Taking the material as a whole, state how many of its lines contain "project". Write the number and nothing more.

Available records:
━━━

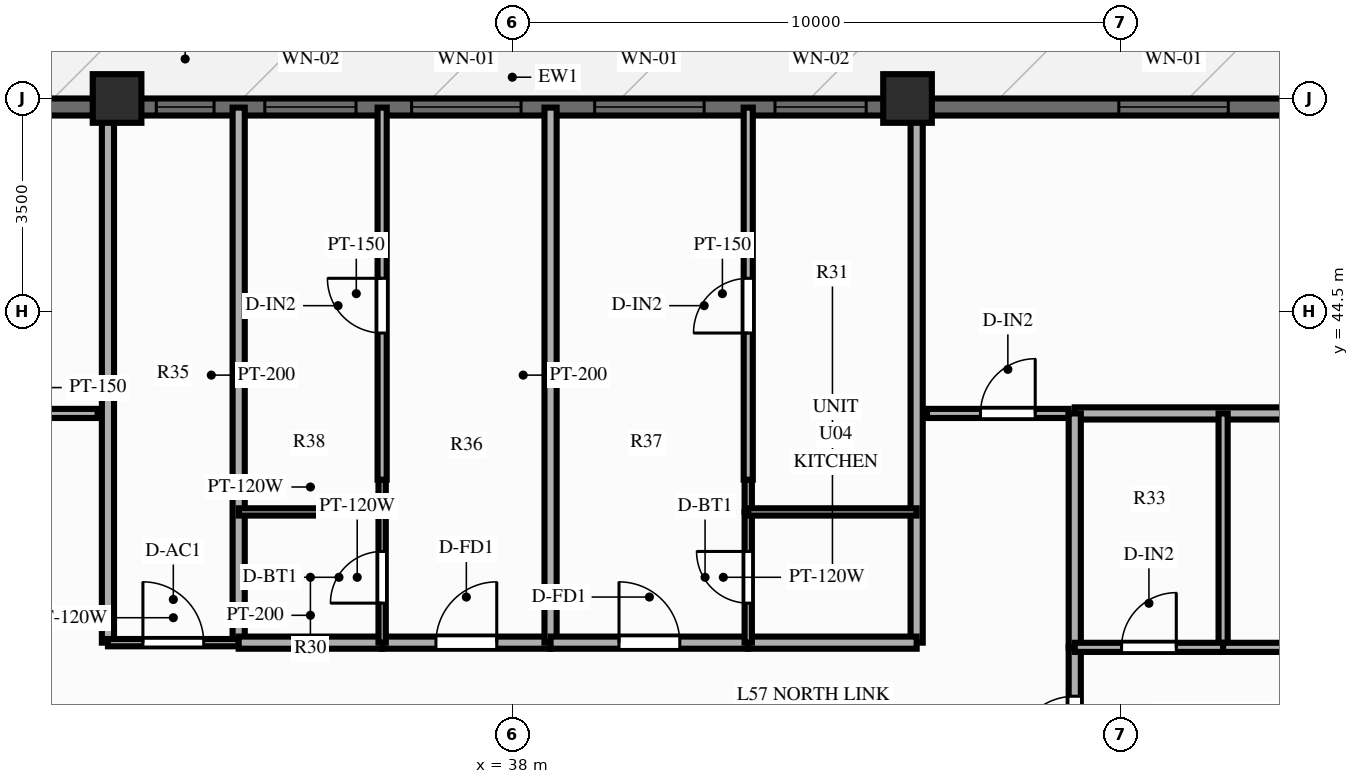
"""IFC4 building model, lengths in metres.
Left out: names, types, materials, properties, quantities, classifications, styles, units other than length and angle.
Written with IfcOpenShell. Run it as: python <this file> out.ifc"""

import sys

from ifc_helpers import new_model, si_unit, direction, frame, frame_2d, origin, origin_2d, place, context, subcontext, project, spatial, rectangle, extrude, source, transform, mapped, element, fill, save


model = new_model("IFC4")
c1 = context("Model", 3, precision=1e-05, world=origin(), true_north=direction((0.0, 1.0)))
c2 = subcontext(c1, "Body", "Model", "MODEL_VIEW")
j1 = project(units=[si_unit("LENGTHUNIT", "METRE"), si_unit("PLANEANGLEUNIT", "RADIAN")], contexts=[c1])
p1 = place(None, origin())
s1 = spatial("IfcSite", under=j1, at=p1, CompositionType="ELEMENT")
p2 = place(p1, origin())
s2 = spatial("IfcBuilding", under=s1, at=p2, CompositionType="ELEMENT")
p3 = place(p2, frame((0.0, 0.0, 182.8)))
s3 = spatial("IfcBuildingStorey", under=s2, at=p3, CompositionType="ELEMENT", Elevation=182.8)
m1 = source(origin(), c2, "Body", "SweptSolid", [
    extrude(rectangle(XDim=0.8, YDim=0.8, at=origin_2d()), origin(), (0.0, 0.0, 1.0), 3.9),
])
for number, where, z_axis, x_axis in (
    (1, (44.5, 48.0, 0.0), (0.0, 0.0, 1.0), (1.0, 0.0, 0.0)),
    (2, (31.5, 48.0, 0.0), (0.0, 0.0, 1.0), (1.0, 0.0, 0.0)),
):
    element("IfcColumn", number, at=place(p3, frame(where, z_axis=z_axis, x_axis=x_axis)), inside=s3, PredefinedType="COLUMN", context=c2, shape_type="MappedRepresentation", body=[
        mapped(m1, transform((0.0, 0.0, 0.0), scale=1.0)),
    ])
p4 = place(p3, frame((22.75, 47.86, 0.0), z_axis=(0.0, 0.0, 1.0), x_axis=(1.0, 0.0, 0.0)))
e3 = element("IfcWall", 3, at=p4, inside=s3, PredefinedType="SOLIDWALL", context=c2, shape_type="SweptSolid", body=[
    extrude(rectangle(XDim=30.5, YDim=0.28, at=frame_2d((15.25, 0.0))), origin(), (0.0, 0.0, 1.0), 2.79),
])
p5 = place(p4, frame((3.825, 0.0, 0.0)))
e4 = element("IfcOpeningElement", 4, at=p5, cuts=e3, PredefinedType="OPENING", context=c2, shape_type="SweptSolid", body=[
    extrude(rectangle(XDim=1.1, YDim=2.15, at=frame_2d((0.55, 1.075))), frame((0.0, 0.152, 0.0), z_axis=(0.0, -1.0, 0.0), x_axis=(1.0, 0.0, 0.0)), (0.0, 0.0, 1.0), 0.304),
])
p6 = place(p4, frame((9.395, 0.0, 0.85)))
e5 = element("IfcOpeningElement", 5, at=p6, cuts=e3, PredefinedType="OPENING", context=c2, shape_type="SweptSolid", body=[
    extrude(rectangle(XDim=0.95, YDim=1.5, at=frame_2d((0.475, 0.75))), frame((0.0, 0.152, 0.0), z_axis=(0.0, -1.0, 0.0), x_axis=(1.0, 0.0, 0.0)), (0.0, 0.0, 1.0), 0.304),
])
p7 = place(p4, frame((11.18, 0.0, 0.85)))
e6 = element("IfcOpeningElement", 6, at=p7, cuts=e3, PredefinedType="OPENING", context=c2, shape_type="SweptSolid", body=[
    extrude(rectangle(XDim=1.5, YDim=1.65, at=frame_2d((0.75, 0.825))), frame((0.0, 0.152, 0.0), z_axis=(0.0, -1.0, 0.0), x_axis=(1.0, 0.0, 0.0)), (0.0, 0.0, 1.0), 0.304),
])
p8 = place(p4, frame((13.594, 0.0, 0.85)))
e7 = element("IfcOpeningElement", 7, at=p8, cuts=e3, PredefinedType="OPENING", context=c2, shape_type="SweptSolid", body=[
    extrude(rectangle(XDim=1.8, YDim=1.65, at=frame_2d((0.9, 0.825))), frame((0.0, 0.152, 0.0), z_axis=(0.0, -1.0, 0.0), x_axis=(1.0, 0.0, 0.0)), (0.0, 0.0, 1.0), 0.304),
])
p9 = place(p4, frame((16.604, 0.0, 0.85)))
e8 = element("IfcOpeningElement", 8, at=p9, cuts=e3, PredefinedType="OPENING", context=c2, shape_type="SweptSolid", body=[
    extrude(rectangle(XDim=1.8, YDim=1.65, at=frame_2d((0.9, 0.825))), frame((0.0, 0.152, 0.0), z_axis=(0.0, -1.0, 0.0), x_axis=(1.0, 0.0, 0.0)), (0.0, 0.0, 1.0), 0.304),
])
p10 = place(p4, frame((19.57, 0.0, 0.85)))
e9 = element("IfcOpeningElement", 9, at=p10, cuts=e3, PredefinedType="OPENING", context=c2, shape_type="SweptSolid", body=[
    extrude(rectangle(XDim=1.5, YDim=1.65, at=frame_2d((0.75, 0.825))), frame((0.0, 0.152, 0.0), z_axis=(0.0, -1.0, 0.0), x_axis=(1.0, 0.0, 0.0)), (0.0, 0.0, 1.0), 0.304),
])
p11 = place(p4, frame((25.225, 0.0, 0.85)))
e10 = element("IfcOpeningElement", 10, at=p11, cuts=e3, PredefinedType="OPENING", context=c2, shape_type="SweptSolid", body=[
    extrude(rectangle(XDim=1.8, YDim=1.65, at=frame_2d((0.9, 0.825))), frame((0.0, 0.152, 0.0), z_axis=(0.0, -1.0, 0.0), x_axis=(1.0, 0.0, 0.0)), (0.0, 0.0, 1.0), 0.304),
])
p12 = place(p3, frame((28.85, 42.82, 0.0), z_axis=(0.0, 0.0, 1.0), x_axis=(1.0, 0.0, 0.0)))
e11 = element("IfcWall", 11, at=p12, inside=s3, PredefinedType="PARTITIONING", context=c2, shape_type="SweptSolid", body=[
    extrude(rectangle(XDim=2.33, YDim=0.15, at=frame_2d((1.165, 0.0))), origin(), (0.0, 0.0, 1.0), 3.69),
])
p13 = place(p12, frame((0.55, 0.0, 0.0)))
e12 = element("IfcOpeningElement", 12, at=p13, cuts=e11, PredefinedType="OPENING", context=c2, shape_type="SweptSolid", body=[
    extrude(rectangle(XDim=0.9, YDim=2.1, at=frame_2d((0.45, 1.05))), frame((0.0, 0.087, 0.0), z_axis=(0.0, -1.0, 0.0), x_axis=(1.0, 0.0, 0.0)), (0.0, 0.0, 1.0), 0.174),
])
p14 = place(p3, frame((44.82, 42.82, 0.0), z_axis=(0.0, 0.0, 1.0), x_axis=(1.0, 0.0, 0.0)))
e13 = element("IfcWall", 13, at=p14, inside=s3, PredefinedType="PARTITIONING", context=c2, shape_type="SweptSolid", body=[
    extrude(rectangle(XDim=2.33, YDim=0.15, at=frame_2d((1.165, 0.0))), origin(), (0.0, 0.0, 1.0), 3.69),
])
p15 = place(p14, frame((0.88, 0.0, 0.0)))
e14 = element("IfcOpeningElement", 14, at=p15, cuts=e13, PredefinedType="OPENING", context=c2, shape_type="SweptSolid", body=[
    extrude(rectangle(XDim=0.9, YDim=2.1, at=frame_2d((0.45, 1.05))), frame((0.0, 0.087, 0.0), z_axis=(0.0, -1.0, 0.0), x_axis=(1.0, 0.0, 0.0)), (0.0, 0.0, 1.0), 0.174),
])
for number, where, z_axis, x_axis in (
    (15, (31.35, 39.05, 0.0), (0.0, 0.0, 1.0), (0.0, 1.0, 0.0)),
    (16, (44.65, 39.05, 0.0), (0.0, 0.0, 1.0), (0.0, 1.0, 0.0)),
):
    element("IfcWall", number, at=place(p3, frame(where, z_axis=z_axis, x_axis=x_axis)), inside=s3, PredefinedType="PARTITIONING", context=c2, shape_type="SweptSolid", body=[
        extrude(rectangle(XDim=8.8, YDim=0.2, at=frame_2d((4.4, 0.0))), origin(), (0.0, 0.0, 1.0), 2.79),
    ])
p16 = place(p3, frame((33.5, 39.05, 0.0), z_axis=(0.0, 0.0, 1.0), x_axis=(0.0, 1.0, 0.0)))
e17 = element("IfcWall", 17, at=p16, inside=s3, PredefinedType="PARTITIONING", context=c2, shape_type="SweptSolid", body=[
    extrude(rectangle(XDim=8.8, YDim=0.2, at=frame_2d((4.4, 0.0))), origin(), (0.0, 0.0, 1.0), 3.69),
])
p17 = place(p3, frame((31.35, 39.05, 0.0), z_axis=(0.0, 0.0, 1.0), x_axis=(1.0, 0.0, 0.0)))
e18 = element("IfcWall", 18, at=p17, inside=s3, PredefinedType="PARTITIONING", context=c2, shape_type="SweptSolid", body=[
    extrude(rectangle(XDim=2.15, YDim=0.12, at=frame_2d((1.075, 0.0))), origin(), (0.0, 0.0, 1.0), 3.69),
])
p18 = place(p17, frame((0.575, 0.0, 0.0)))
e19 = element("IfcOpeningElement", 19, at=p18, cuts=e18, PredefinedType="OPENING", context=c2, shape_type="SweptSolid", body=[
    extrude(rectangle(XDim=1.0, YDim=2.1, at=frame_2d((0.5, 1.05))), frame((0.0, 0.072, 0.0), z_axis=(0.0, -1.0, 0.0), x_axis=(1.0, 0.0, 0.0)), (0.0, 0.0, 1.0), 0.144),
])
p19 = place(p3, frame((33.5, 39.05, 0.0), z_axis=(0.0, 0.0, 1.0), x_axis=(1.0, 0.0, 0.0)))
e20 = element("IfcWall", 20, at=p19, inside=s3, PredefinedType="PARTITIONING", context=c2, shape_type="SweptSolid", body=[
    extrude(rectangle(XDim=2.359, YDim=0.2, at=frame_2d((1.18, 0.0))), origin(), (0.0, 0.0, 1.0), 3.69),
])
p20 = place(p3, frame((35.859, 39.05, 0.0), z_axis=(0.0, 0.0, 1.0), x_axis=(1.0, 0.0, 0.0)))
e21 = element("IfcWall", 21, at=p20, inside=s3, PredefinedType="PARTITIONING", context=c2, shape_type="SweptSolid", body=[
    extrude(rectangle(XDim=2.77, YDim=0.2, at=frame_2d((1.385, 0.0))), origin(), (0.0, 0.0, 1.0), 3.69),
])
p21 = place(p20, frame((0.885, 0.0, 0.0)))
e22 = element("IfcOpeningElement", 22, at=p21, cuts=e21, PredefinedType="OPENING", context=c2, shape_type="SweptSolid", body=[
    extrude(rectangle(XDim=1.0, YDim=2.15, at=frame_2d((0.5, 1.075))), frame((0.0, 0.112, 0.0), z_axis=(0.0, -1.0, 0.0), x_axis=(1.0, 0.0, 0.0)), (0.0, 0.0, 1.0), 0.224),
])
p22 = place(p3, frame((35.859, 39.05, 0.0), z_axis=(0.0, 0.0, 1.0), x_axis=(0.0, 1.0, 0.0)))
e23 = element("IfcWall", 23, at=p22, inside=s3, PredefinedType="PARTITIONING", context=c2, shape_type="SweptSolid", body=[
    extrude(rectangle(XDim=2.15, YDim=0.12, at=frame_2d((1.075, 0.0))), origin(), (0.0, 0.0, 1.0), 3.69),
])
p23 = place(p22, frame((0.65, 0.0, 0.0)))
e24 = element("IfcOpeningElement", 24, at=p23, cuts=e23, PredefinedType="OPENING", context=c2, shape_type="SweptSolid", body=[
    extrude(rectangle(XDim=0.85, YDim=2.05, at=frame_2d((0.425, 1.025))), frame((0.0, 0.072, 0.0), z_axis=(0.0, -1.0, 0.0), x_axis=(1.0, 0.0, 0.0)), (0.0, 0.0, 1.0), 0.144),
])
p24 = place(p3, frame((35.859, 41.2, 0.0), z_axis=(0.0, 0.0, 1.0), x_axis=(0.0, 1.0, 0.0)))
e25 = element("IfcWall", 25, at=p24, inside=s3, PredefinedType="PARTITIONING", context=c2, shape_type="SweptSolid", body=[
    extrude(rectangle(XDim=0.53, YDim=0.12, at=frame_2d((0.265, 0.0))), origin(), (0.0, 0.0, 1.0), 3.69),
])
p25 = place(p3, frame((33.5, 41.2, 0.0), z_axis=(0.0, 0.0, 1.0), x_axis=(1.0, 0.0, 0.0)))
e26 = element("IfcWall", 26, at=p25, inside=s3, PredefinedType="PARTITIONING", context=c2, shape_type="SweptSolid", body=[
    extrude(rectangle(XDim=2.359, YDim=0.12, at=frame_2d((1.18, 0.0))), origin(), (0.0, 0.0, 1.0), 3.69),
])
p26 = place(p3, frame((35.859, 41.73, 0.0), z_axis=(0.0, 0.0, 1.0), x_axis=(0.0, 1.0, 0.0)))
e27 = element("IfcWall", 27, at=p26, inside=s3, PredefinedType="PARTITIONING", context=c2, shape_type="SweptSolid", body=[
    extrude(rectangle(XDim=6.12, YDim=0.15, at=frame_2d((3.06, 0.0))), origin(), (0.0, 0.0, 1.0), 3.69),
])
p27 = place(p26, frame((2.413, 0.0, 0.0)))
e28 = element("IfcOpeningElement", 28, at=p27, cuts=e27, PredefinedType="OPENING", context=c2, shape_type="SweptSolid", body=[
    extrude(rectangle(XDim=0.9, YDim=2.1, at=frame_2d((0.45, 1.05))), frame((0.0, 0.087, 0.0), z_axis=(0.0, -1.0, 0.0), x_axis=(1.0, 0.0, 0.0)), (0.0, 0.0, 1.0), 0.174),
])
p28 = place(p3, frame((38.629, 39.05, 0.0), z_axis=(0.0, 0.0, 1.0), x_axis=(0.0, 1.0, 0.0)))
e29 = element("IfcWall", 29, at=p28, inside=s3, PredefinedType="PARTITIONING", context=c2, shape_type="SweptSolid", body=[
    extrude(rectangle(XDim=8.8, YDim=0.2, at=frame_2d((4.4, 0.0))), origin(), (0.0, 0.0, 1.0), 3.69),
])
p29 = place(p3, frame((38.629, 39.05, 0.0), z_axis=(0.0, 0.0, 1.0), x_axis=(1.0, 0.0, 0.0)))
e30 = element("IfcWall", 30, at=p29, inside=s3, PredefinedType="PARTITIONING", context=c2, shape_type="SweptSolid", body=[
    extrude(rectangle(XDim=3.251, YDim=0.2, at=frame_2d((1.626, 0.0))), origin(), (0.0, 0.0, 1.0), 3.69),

━━━

Answer: 2